** About this task **
Filter the data below for the string "under" and copy each matching line.
Records provided START
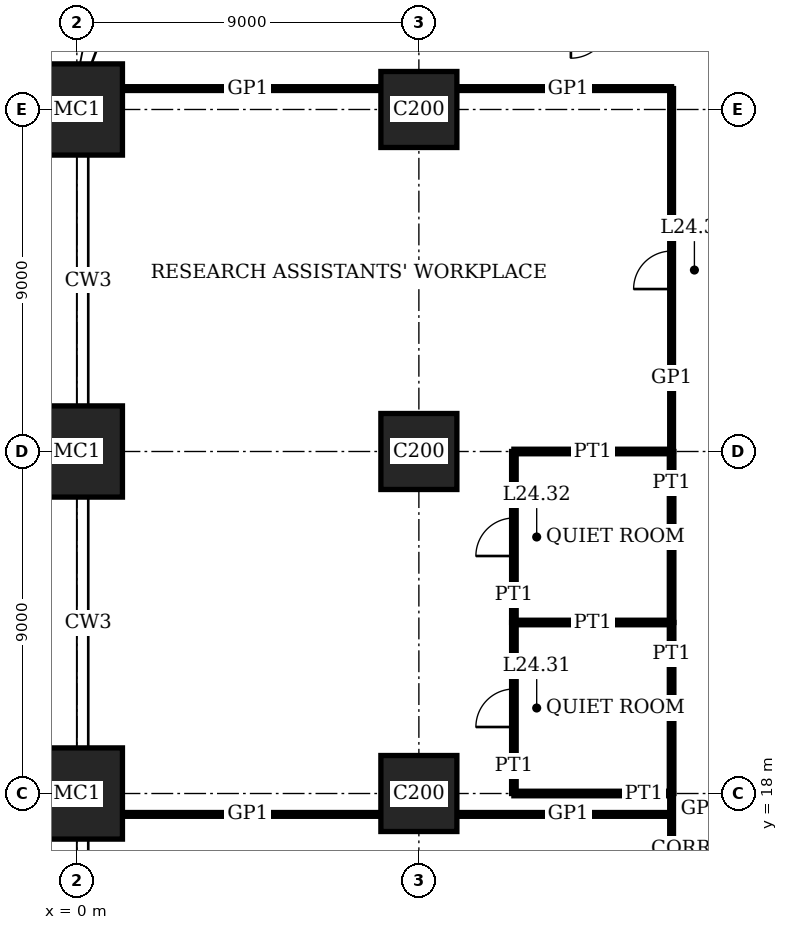
"""IFC4 building model, lengths in metres.
Left out: names, types, materials, properties, quantities, classifications, styles, units other than length and angle.
Written with IfcOpenShell. Run it as: python <this file> out.ifc"""

import sys

from ifc_helpers import new_model, si_unit, direction, frame, frame_2d, origin, origin_2d, place, context, subcontext, project, spatial, rectangle, extrude, element, fill, save


model = new_model("IFC4")
c1 = context("Model", 3, precision=1e-05, world=origin(), true_north=direction((0.0, 1.0)))
c2 = subcontext(c1, "Body", "Model", "MODEL_VIEW")
j1 = project(units=[si_unit("LENGTHUNIT", "METRE"), si_unit("PLANEANGLEUNIT", "RADIAN")], contexts=[c1])
p1 = place(None, origin())
s1 = spatial("IfcSite", under=j1, at=p1, CompositionType="ELEMENT")
p2 = place(p1, origin())
s2 = spatial("IfcBuilding", under=s1, at=p2, CompositionType="ELEMENT")
p3 = place(p2, frame((0.0, 0.0, 101.0)))
s3 = spatial("IfcBuildingStorey", under=s2, at=p3, CompositionType="ELEMENT", Elevation=101.0)
for number, where, z_axis, x_axis in (
    (1, (0.0, 18.0, 0.0), (0.0, 0.0, 1.0), (1.0, 0.0, 0.0)),
    (2, (0.0, 27.0, 0.0), (0.0, 0.0, 1.0), (1.0, 0.0, 0.0)),
    (3, (0.0, 36.0, 0.0), (0.0, 0.0, 1.0), (1.0, 0.0, 0.0)),
):
    element("IfcColumn", number, at=place(p3, frame(where, z_axis=z_axis, x_axis=x_axis)), inside=s3, PredefinedType="COLUMN", context=c2, shape_type="SweptSolid", body=[
        extrude(rectangle(XDim=2.4, YDim=2.4, at=origin_2d()), origin(), (0.0, 0.0, 1.0), 4.0),
    ])
for number, where, z_axis, x_axis in (
    (4, (9.0, 18.0, 0.0), (0.0, 0.0, 1.0), (1.0, 0.0, 0.0)),
    (5, (9.0, 27.0, 0.0), (0.0, 0.0, 1.0), (1.0, 0.0, 0.0)),
    (6, (9.0, 36.0, 0.0), (0.0, 0.0, 1.0), (1.0, 0.0, 0.0)),
):
    element("IfcColumn", number, at=place(p3, frame(where, z_axis=z_axis, x_axis=x_axis)), inside=s3, PredefinedType="COLUMN", context=c2, shape_type="SweptSolid", body=[
        extrude(rectangle(XDim=2.0, YDim=2.0, at=origin_2d()), origin(), (0.0, 0.0, 1.0), 4.0),
    ])
p4 = place(p3, frame((1.2, 17.45, 0.0), z_axis=(0.0, 0.0, 1.0), x_axis=(1.0, 0.0, 0.0)))
e7 = element("IfcWall", 7, at=p4, inside=s3, PredefinedType="PARTITIONING", context=c2, shape_type="SweptSolid", body=[
    extrude(rectangle(XDim=6.8, YDim=0.1, at=frame_2d((3.4, 0.0))), origin(), (0.0, 0.0, 1.0), 3.75),
])
p5 = place(p3, frame((10.0, 17.45, 0.0), z_axis=(0.0, 0.0, 1.0), x_axis=(1.0, 0.0, 0.0)))
e8 = element("IfcWall", 8, at=p5, inside=s3, PredefinedType="PARTITIONING", context=c2, shape_type="SweptSolid", body=[
    extrude(rectangle(XDim=5.65, YDim=0.1, at=frame_2d((2.825, 0.0))), origin(), (0.0, 0.0, 1.0), 3.75),
])
p6 = place(p3, frame((11.5, 18.0, 0.0), z_axis=(0.0, 0.0, 1.0), x_axis=(1.0, 0.0, 0.0)))
e9 = element("IfcWall", 9, at=p6, inside=s3, PredefinedType="PARTITIONING", context=c2, shape_type="SweptSolid", body=[
    extrude(rectangle(XDim=4.15, YDim=0.12, at=frame_2d((2.075, 0.0))), origin(), (0.0, 0.0, 1.0), 3.05),
])
p7 = place(p3, frame((11.5, 22.5, 0.0), z_axis=(0.0, 0.0, 1.0), x_axis=(1.0, 0.0, 0.0)))
e10 = element("IfcWall", 10, at=p7, inside=s3, PredefinedType="PARTITIONING", context=c2, shape_type="SweptSolid", body=[
    extrude(rectangle(XDim=4.15, YDim=0.12, at=frame_2d((2.075, 0.0))), origin(), (0.0, 0.0, 1.0), 3.1),
])
p8 = place(p3, frame((11.5, 27.0, 0.0), z_axis=(0.0, 0.0, 1.0), x_axis=(1.0, 0.0, 0.0)))
e11 = element("IfcWall", 11, at=p8, inside=s3, PredefinedType="PARTITIONING", context=c2, shape_type="SweptSolid", body=[
    extrude(rectangle(XDim=4.15, YDim=0.12, at=frame_2d((2.075, 0.0))), origin(), (0.0, 0.0, 1.0), 3.05),
])
p9 = place(p3, frame((1.2, 36.55, 0.0), z_axis=(0.0, 0.0, 1.0), x_axis=(1.0, 0.0, 0.0)))
e12 = element("IfcWall", 12, at=p9, inside=s3, PredefinedType="PARTITIONING", context=c2, shape_type="SweptSolid", body=[
    extrude(rectangle(XDim=6.8, YDim=0.1, at=frame_2d((3.4, 0.0))), origin(), (0.0, 0.0, 1.0), 3.75),
])
p10 = place(p3, frame((10.0, 36.55, 0.0), z_axis=(0.0, 0.0, 1.0), x_axis=(1.0, 0.0, 0.0)))
e13 = element("IfcWall", 13, at=p10, inside=s3, PredefinedType="PARTITIONING", context=c2, shape_type="SweptSolid", body=[
    extrude(rectangle(XDim=5.65, YDim=0.1, at=frame_2d((2.825, 0.0))), origin(), (0.0, 0.0, 1.0), 3.75),
])
p11 = place(p3, frame((11.5, 18.0, 0.0), z_axis=(0.0, 0.0, 1.0), x_axis=(0.0, 1.0, 0.0)))
e14 = element("IfcWall", 14, at=p11, inside=s3, PredefinedType="PARTITIONING", context=c2, shape_type="SweptSolid", body=[
    extrude(rectangle(XDim=4.5, YDim=0.12, at=frame_2d((2.25, 0.0))), origin(), (0.0, 0.0, 1.0), 3.75),
])
p12 = place(p11, frame((1.75, 0.0, 0.0)))
e15 = element("IfcOpeningElement", 15, at=p12, cuts=e14, PredefinedType="OPENING", context=c2, shape_type="SweptSolid", body=[
    extrude(rectangle(XDim=1.0, YDim=2.4, at=frame_2d((0.5, 1.2))), frame((0.0, 0.07, 0.0), z_axis=(0.0, -1.0, 0.0), x_axis=(1.0, 0.0, 0.0)), (0.0, 0.0, 1.0), 0.14),
])
p13 = place(p3, frame((11.5, 22.5, 0.0), z_axis=(0.0, 0.0, 1.0), x_axis=(0.0, 1.0, 0.0)))
e16 = element("IfcWall", 16, at=p13, inside=s3, PredefinedType="PARTITIONING", context=c2, shape_type="SweptSolid", body=[
    extrude(rectangle(XDim=4.5, YDim=0.12, at=frame_2d((2.25, 0.0))), origin(), (0.0, 0.0, 1.0), 3.75),
])
p14 = place(p13, frame((1.75, 0.0, 0.0)))
e17 = element("IfcOpeningElement", 17, at=p14, cuts=e16, PredefinedType="OPENING", context=c2, shape_type="SweptSolid", body=[
    extrude(rectangle(XDim=1.0, YDim=2.4, at=frame_2d((0.5, 1.2))), frame((0.0, 0.07, 0.0), z_axis=(0.0, -1.0, 0.0), x_axis=(1.0, 0.0, 0.0)), (0.0, 0.0, 1.0), 0.14),
])
for number, where, z_axis, x_axis in (
    (18, (15.65, 18.0, 0.0), (0.0, 0.0, 1.0), (0.0, 1.0, 0.0)),
    (19, (15.65, 22.5, 0.0), (0.0, 0.0, 1.0), (0.0, 1.0, 0.0)),
):
    element("IfcWall", number, at=place(p3, frame(where, z_axis=z_axis, x_axis=x_axis)), inside=s3, PredefinedType="PARTITIONING", context=c2, shape_type="SweptSolid", body=[
        extrude(rectangle(XDim=4.5, YDim=0.12, at=frame_2d((2.25, 0.0))), origin(), (0.0, 0.0, 1.0), 3.75),
    ])
p15 = place(p3, frame((15.65, 15.65, 0.0), z_axis=(0.0, 0.0, 1.0), x_axis=(0.0, 1.0, 0.0)))
e20 = element("IfcWall", 20, at=p15, inside=s3, PredefinedType="PARTITIONING", context=c2, shape_type="SweptSolid", body=[
    extrude(rectangle(XDim=2.35, YDim=0.1, at=frame_2d((1.175, 0.0))), origin(), (0.0, 0.0, 1.0), 3.75),
])
p16 = place(p3, frame((15.65, 27.0, 0.0), z_axis=(0.0, 0.0, 1.0), x_axis=(0.0, 1.0, 0.0)))
e21 = element("IfcWall", 21, at=p16, inside=s3, PredefinedType="PARTITIONING", context=c2, shape_type="SweptSolid", body=[
    extrude(rectangle(XDim=9.55, YDim=0.1, at=frame_2d((4.775, 0.0))), origin(), (0.0, 0.0, 1.0), 3.75),
])
p17 = place(p16, frame((4.275, 0.0, 0.0)))
e22 = element("IfcOpeningElement", 22, at=p17, cuts=e21, PredefinedType="OPENING", context=c2, shape_type="SweptSolid", body=[
    extrude(rectangle(XDim=1.0, YDim=2.4, at=frame_2d((0.5, 1.2))), frame((0.0, 0.06, 0.0), z_axis=(0.0, -1.0, 0.0), x_axis=(1.0, 0.0, 0.0)), (0.0, 0.0, 1.0), 0.12),
])
p18 = place(p12, origin())
e23 = element("IfcDoor", 23, at=p18, inside=s3, OperationType="SINGLE_SWING_RIGHT", PredefinedType="DOOR", context=c2, shape_type="SweptSolid", body=[
    extrude(rectangle(XDim=1.0, YDim=2.4, at=frame_2d((0.5, 1.2))), frame((0.0, 0.025, 0.0), z_axis=(0.0, -1.0, 0.0), x_axis=(1.0, 0.0, 0.0)), (0.0, 0.0, 1.0), 0.05),
])
fill(e15, e23)
p19 = place(p14, origin())
e24 = element("IfcDoor", 24, at=p19, inside=s3, OperationType="SINGLE_SWING_RIGHT", PredefinedType="DOOR", context=c2, shape_type="SweptSolid", body=[
    extrude(rectangle(XDim=1.0, YDim=2.4, at=frame_2d((0.5, 1.2))), frame((0.0, 0.025, 0.0), z_axis=(0.0, -1.0, 0.0), x_axis=(1.0, 0.0, 0.0)), (0.0, 0.0, 1.0), 0.05),
])
fill(e17, e24)
p20 = place(p17, origin())
e25 = element("IfcDoor", 25, at=p20, inside=s3, OperationType="SINGLE_SWING_RIGHT", PredefinedType="DOOR", context=c2, shape_type="SweptSolid", body=[
    extrude(rectangle(XDim=1.0, YDim=2.4, at=frame_2d((0.5, 1.2))), frame((0.0, 0.02, 0.0), z_axis=(0.0, -1.0, 0.0), x_axis=(1.0, 0.0, 0.0)), (0.0, 0.0, 1.0), 0.04),
])
fill(e22, e25)
save(model, sys.argv[1])
Records provided END
** Output of the task **
s1 = spatial("IfcSite", under=j1, at=p1, CompositionType="ELEMENT")
s2 = spatial("IfcBuilding", under=s1, at=p2, CompositionType="ELEMENT")
s3 = spatial("IfcBuildingStorey", under=s2, at=p3, CompositionType="ELEMENT", Elevation=101.0)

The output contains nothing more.